#### [Task statement]
Go through the material below, count the lines with the word "drill", and reply with the count alone.
[Start of section]
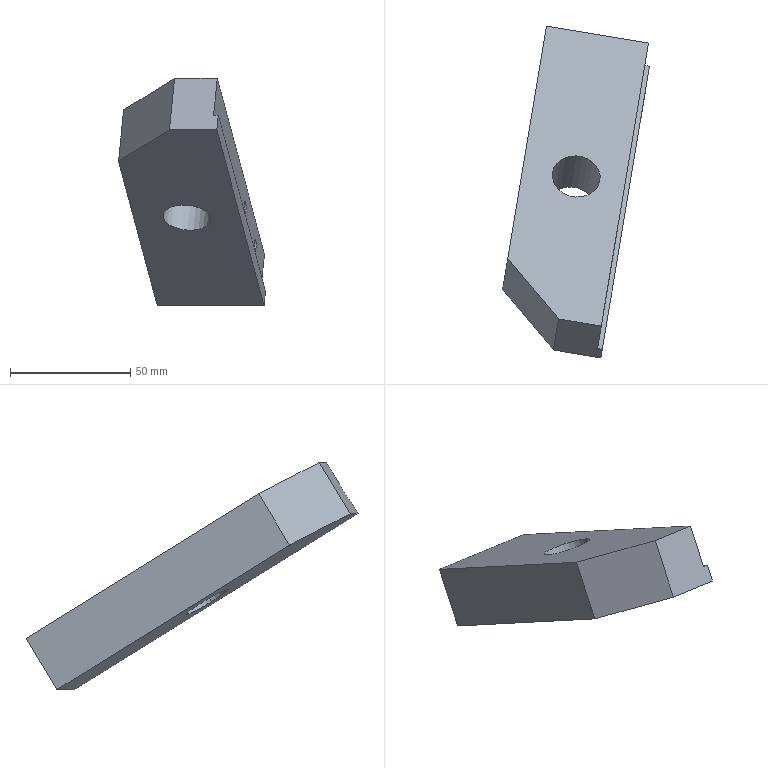Component | SolidWorks | 14AC-24-1-006-1 | 1 solid | 35 faces | box 61.1 x 138.05 x 94.42 mm | volume 135396 mm3 | cylinder 14 | cone 12 | plane 9 | commonest cylinder face diameters 4.2 x8 5 x4 20 x2
build123d program:
from build123d import *

# Parameters (mm, degrees)
SKETCH1_W             = 45
SKETCH1_H             = 140
BOSS_EXTRUDE1_DEPTH   = 25
CUT_EXTRUDE2_DEPTH    = 2
CHAMFER2_SIZE         = 25
M6_TAPPED_HOLE1_D     = 5
M6_TAPPED_HOLE1_DEPTH = 17
M6_TAPPED_HOLE1_TIP   = 1.502
M5_TAPPED_HOLE2_D     = 4.2
M5_TAPPED_HOLE2_DEPTH = 12.4
M5_TAPPED_HOLE2_TIP   = 1.262
SKETCH8_R             = 10
CUT_EXTRUDE3_DEPTH    = 78.661


with BuildPart() as part:
    # Sketch1 → Boss-Extrude1 (new body)
    with BuildSketch(Plane.XY):
        Rectangle(SKETCH1_W, SKETCH1_H)
    extrude(amount=BOSS_EXTRUDE1_DEPTH)

    # Sketch4 → Cut-Extrude2 (cut)
    with BuildSketch(Plane(origin=(22.5, 0, 0), x_dir=(0, 0, -1), z_dir=(1, 0, 0))):
        with BuildLine():
            Line((-18, 70), (0, 70))
            Line((0, 70), (0, -78.5))
            ThreePointArc((0, -78.5), (1.061, -81.061), (-1.5, -80))
            Line((-1.5, -80), (-16.5, -80))
            ThreePointArc((-16.5, -80), (-19.061, -81.061), (-18, -78.5))
            Line((-18, -78.5), (-18, 70))
        make_face()
    extrude(amount=-CUT_EXTRUDE2_DEPTH, mode=Mode.SUBTRACT)

    # Chamfer2
    chamfer2_edges = [part.edges().sort_by_distance(p)[0] for p in [
        (-22.5, 70, 12.5),
    ]]
    chamfer(chamfer2_edges, length=CHAMFER2_SIZE)

    # M6 Tapped Hole1
    with Locations(Plane(origin=(20.5, -48, 9), x_dir=(0, 1, 0), z_dir=(1, 0, 0))):
        with Locations((0, 0), (30, 0)):
            Hole(M6_TAPPED_HOLE1_D / 2, depth=M6_TAPPED_HOLE1_DEPTH)
            with Locations((0, 0, -(M6_TAPPED_HOLE1_DEPTH + M6_TAPPED_HOLE1_TIP / 2))):  # 118° drill point
                Cone(0, M6_TAPPED_HOLE1_D / 2, M6_TAPPED_HOLE1_TIP, mode=Mode.SUBTRACT)

    # M5 Tapped Hole2
    with Locations(Plane(origin=(0, -70, 0), x_dir=(-1, 0, 0), z_dir=(0, -1, 0))):
        with Locations((-12, -4.5), (14, -4.5), (14, -20.5), (-12, -20.5)):
            Hole(M5_TAPPED_HOLE2_D / 2, depth=M5_TAPPED_HOLE2_DEPTH)
            with Locations((0, 0, -(M5_TAPPED_HOLE2_DEPTH + M5_TAPPED_HOLE2_TIP / 2))):  # 118° drill point
                Cone(0, M5_TAPPED_HOLE2_D / 2, M5_TAPPED_HOLE2_TIP, mode=Mode.SUBTRACT)

    # Sketch8 → Cut-Extrude3 (cut, through all)
    with BuildSketch(Plane.XY.offset(25)):
        Circle(SKETCH8_R)
    extrude(amount=-CUT_EXTRUDE3_DEPTH, mode=Mode.SUBTRACT)


solid = part.part

# Placed as in the assembly
solid = solid.moved(Location((401.932, -204.897, -116.607), (148.871, -4.92, 8.082)))
STEP:
#1=COLOUR_RGB('',0.7922,0.8196,0.9333);
#2=FILL_AREA_STYLE_COLOUR('',#1);
#3=FILL_AREA_STYLE('',(#2));
#4=SURFACE_STYLE_FILL_AREA(#3);
#5=SURFACE_SIDE_STYLE('',(#4));
#6=SURFACE_STYLE_USAGE(.BOTH.,#5);
#7=PRESENTATION_STYLE_ASSIGNMENT((#6));
#8=CARTESIAN_POINT('',(15.436,-8.002,-4.591));
#9=VERTEX_POINT('',#8);
#10=CARTESIAN_POINT('',(16.212,-8.131,-4.591));
#11=VERTEX_POINT('',#10);
#12=CARTESIAN_POINT('',(15.824,-8.067,-4.591));
#13=DIRECTION('',(-0.08576,-0.5151,-0.8529));
#14=DIRECTION('',(0.9864,-0.1642,-0.));
#15=AXIS2_PLACEMENT_3D('',#12,#13,#14);
#16=CIRCLE('',#15,0.3937);
#17=EDGE_CURVE('',#9,#11,#16,.T.);
#18=ORIENTED_EDGE('',*,*,#17,.F.);
#19=CARTESIAN_POINT('',(15.351,-8.509,-5.43));
#20=VERTEX_POINT('',#19);
#21=CARTESIAN_POINT('',(15.436,-8.002,-4.591));
#22=DIRECTION('',(-0.08576,-0.5151,-0.8529));
#23=VECTOR('',#22,39.37);
#24=LINE('',#21,#23);
#25=EDGE_CURVE('',#9,#20,#24,.T.);
#26=ORIENTED_EDGE('',*,*,#25,.T.);
#27=CARTESIAN_POINT('',(16.128,-8.638,-5.43));
#28=VERTEX_POINT('',#27);
#29=CARTESIAN_POINT('',(15.74,-8.574,-5.43));
#30=DIRECTION('',(-0.08576,-0.5151,-0.8529));
#31=DIRECTION('',(0.9864,-0.1642,0.));
#32=AXIS2_PLACEMENT_3D('',#29,#30,#31);
#33=CIRCLE('',#32,0.3937);
#34=EDGE_CURVE('',#20,#28,#33,.T.);
#35=ORIENTED_EDGE('',*,*,#34,.T.);
#36=CARTESIAN_POINT('',(16.212,-8.131,-4.591));
#37=DIRECTION('',(-0.08576,-0.5151,-0.8529));
#38=VECTOR('',#37,39.37);
#39=LINE('',#36,#38);
#40=EDGE_CURVE('',#11,#28,#39,.T.);
#41=ORIENTED_EDGE('',*,*,#40,.F.);
#42=EDGE_LOOP('',(#18,#26,#35,#41));
#43=FACE_OUTER_BOUND('',#42,.T.);
#44=CARTESIAN_POINT('',(15.824,-8.067,-4.591));
#45=DIRECTION('',(-0.08576,-0.5151,-0.8529));
#46=DIRECTION('',(0.9864,-0.1642,-0.));
#47=AXIS2_PLACEMENT_3D('',#44,#45,#46);
#48=CYLINDRICAL_SURFACE('',#47,0.3937);
#49=ADVANCED_FACE('',(#43),#48,.F.);
#50=CARTESIAN_POINT('',(16.586,-6.37,-5.997));
#51=VERTEX_POINT('',#50);
#52=CARTESIAN_POINT('',(16.6,-6.285,-5.855));
#53=VERTEX_POINT('',#52);
#54=CARTESIAN_POINT('',(16.593,-6.328,-5.926));
#55=DIRECTION('',(0.1401,0.8413,-0.5222));
#56=DIRECTION('',(0.08576,0.5151,0.8529));
#57=AXIS2_PLACEMENT_3D('',#54,#55,#56);
#58=CIRCLE('',#57,0.08268);
#59=EDGE_CURVE('',#51,#53,#58,.T.);
#60=ORIENTED_EDGE('',*,*,#59,.F.);
#61=CARTESIAN_POINT('',(16.654,-5.96,-6.251));
#62=VERTEX_POINT('',#61);
#63=CARTESIAN_POINT('',(16.654,-5.96,-6.251));
#64=DIRECTION('',(0.1401,0.8413,-0.5222));
#65=VECTOR('',#64,39.37);
#66=LINE('',#63,#65);
#67=EDGE_CURVE('',#51,#62,#66,.T.);
#68=ORIENTED_EDGE('',*,*,#67,.T.);
#69=CARTESIAN_POINT('',(16.668,-5.875,-6.11));
#70=VERTEX_POINT('',#69);
#71=CARTESIAN_POINT('',(16.661,-5.917,-6.181));
#72=DIRECTION('',(0.1401,0.8413,-0.5222));
#73=DIRECTION('',(0.08576,0.5151,0.8529));
#74=AXIS2_PLACEMENT_3D('',#71,#72,#73);
#75=CIRCLE('',#74,0.08268);
#76=EDGE_CURVE('',#62,#70,#75,.T.);
#77=ORIENTED_EDGE('',*,*,#76,.T.);
#78=CARTESIAN_POINT('',(16.668,-5.875,-6.11));
#79=DIRECTION('',(0.1401,0.8413,-0.5222));
#80=VECTOR('',#79,39.37);
#81=LINE('',#78,#80);
#82=EDGE_CURVE('',#53,#70,#81,.T.);
#83=ORIENTED_EDGE('',*,*,#82,.F.);
#84=EDGE_LOOP('',(#60,#68,#77,#83));
#85=FACE_OUTER_BOUND('',#84,.T.);
#86=CARTESIAN_POINT('',(16.661,-5.917,-6.181));
#87=DIRECTION('',(0.1401,0.8413,-0.5222));
#88=DIRECTION('',(0.08576,0.5151,0.8529));
#89=AXIS2_PLACEMENT_3D('',#86,#87,#88);
#90=CYLINDRICAL_SURFACE('',#89,0.08268);
#91=ADVANCED_FACE('',(#85),#90,.F.);
#92=CARTESIAN_POINT('',(16.586,-6.37,-5.9));
#93=VERTEX_POINT('',#92);
#94=CARTESIAN_POINT('',(16.6,-6.285,-5.855));
#95=DIRECTION('',(0.1457,0.8748,0.4621));
#96=VECTOR('',#95,39.37);
#97=LINE('',#94,#96);
#98=EDGE_CURVE('',#93,#53,#97,.T.);
#99=ORIENTED_EDGE('',*,*,#98,.F.);
#100=CARTESIAN_POINT('',(16.586,-6.37,-5.997));
#101=DIRECTION('',(-0.001367,-0.008211,-1.));
#102=VECTOR('',#101,39.37);
#103=LINE('',#100,#102);
#104=EDGE_CURVE('',#93,#51,#103,.T.);
#105=ORIENTED_EDGE('',*,*,#104,.T.);
#106=ORIENTED_EDGE('',*,*,#59,.T.);
#107=EDGE_LOOP('',(#99,#105,#106));
#108=FACE_OUTER_BOUND('',#107,.T.);
#109=CARTESIAN_POINT('',(16.593,-6.328,-5.926));
#110=DIRECTION('',(0.1401,0.8413,-0.5222));
#111=DIRECTION('',(0.08576,0.5151,0.8529));
#112=AXIS2_PLACEMENT_3D('',#109,#110,#111);
#113=CONICAL_SURFACE('',#112,0.08268,1.03);
#114=ADVANCED_FACE('',(#108),#113,.F.);
#115=CARTESIAN_POINT('',(15.576,-6.202,-5.997));
#116=VERTEX_POINT('',#115);
#117=CARTESIAN_POINT('',(15.59,-6.117,-5.855));
#118=VERTEX_POINT('',#117);
#119=CARTESIAN_POINT('',(15.583,-6.16,-5.926));
#120=DIRECTION('',(0.1401,0.8413,-0.5222));
#121=DIRECTION('',(0.08576,0.5151,0.8529));
#122=AXIS2_PLACEMENT_3D('',#119,#120,#121);
#123=CIRCLE('',#122,0.08268);
#124=EDGE_CURVE('',#116,#118,#123,.T.);
#125=ORIENTED_EDGE('',*,*,#124,.F.);
#126=CARTESIAN_POINT('',(15.644,-5.792,-6.251));
#127=VERTEX_POINT('',#126);
#128=CARTESIAN_POINT('',(15.644,-5.792,-6.251));
#129=DIRECTION('',(0.1401,0.8413,-0.5222));
#130=VECTOR('',#129,39.37);
#131=LINE('',#128,#130);
#132=EDGE_CURVE('',#116,#127,#131,.T.);
#133=ORIENTED_EDGE('',*,*,#132,.T.);
#134=CARTESIAN_POINT('',(15.658,-5.707,-6.11));
#135=VERTEX_POINT('',#134);
#136=CARTESIAN_POINT('',(15.651,-5.749,-6.181));
#137=DIRECTION('',(0.1401,0.8413,-0.5222));
#138=DIRECTION('',(0.08576,0.5151,0.8529));
#139=AXIS2_PLACEMENT_3D('',#136,#137,#138);
#140=CIRCLE('',#139,0.08268);
#141=EDGE_CURVE('',#127,#135,#140,.T.);
#142=ORIENTED_EDGE('',*,*,#141,.T.);
#143=CARTESIAN_POINT('',(15.658,-5.707,-6.11));
#144=DIRECTION('',(0.1401,0.8413,-0.5222));
#145=VECTOR('',#144,39.37);
#146=LINE('',#143,#145);
#147=EDGE_CURVE('',#118,#135,#146,.T.);
#148=ORIENTED_EDGE('',*,*,#147,.F.);
#149=EDGE_LOOP('',(#125,#133,#142,#148));
#150=FACE_OUTER_BOUND('',#149,.T.);
#151=CARTESIAN_POINT('',(15.651,-5.749,-6.181));
#152=DIRECTION('',(0.1401,0.8413,-0.5222));
#153=DIRECTION('',(0.08576,0.5151,0.8529));
#154=AXIS2_PLACEMENT_3D('',#151,#152,#153);
#155=CYLINDRICAL_SURFACE('',#154,0.08268);
#156=ADVANCED_FACE('',(#150),#155,.F.);
#157=CARTESIAN_POINT('',(15.576,-6.202,-5.9));
#158=VERTEX_POINT('',#157);
#159=CARTESIAN_POINT('',(15.59,-6.117,-5.855));
#160=DIRECTION('',(0.1457,0.8748,0.4621));
#161=VECTOR('',#160,39.37);
#162=LINE('',#159,#161);
#163=EDGE_CURVE('',#158,#118,#162,.T.);
#164=ORIENTED_EDGE('',*,*,#163,.F.);
#165=CARTESIAN_POINT('',(15.576,-6.202,-5.997));
#166=DIRECTION('',(-0.001367,-0.008211,-1.));
#167=VECTOR('',#166,39.37);
#168=LINE('',#165,#167);
#169=EDGE_CURVE('',#158,#116,#168,.T.);
#170=ORIENTED_EDGE('',*,*,#169,.T.);
#171=ORIENTED_EDGE('',*,*,#124,.T.);
#172=EDGE_LOOP('',(#164,#170,#171));
#173=FACE_OUTER_BOUND('',#172,.T.);
#174=CARTESIAN_POINT('',(15.583,-6.16,-5.926));
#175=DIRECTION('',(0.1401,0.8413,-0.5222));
[End of section]
#### [Exercise result]
2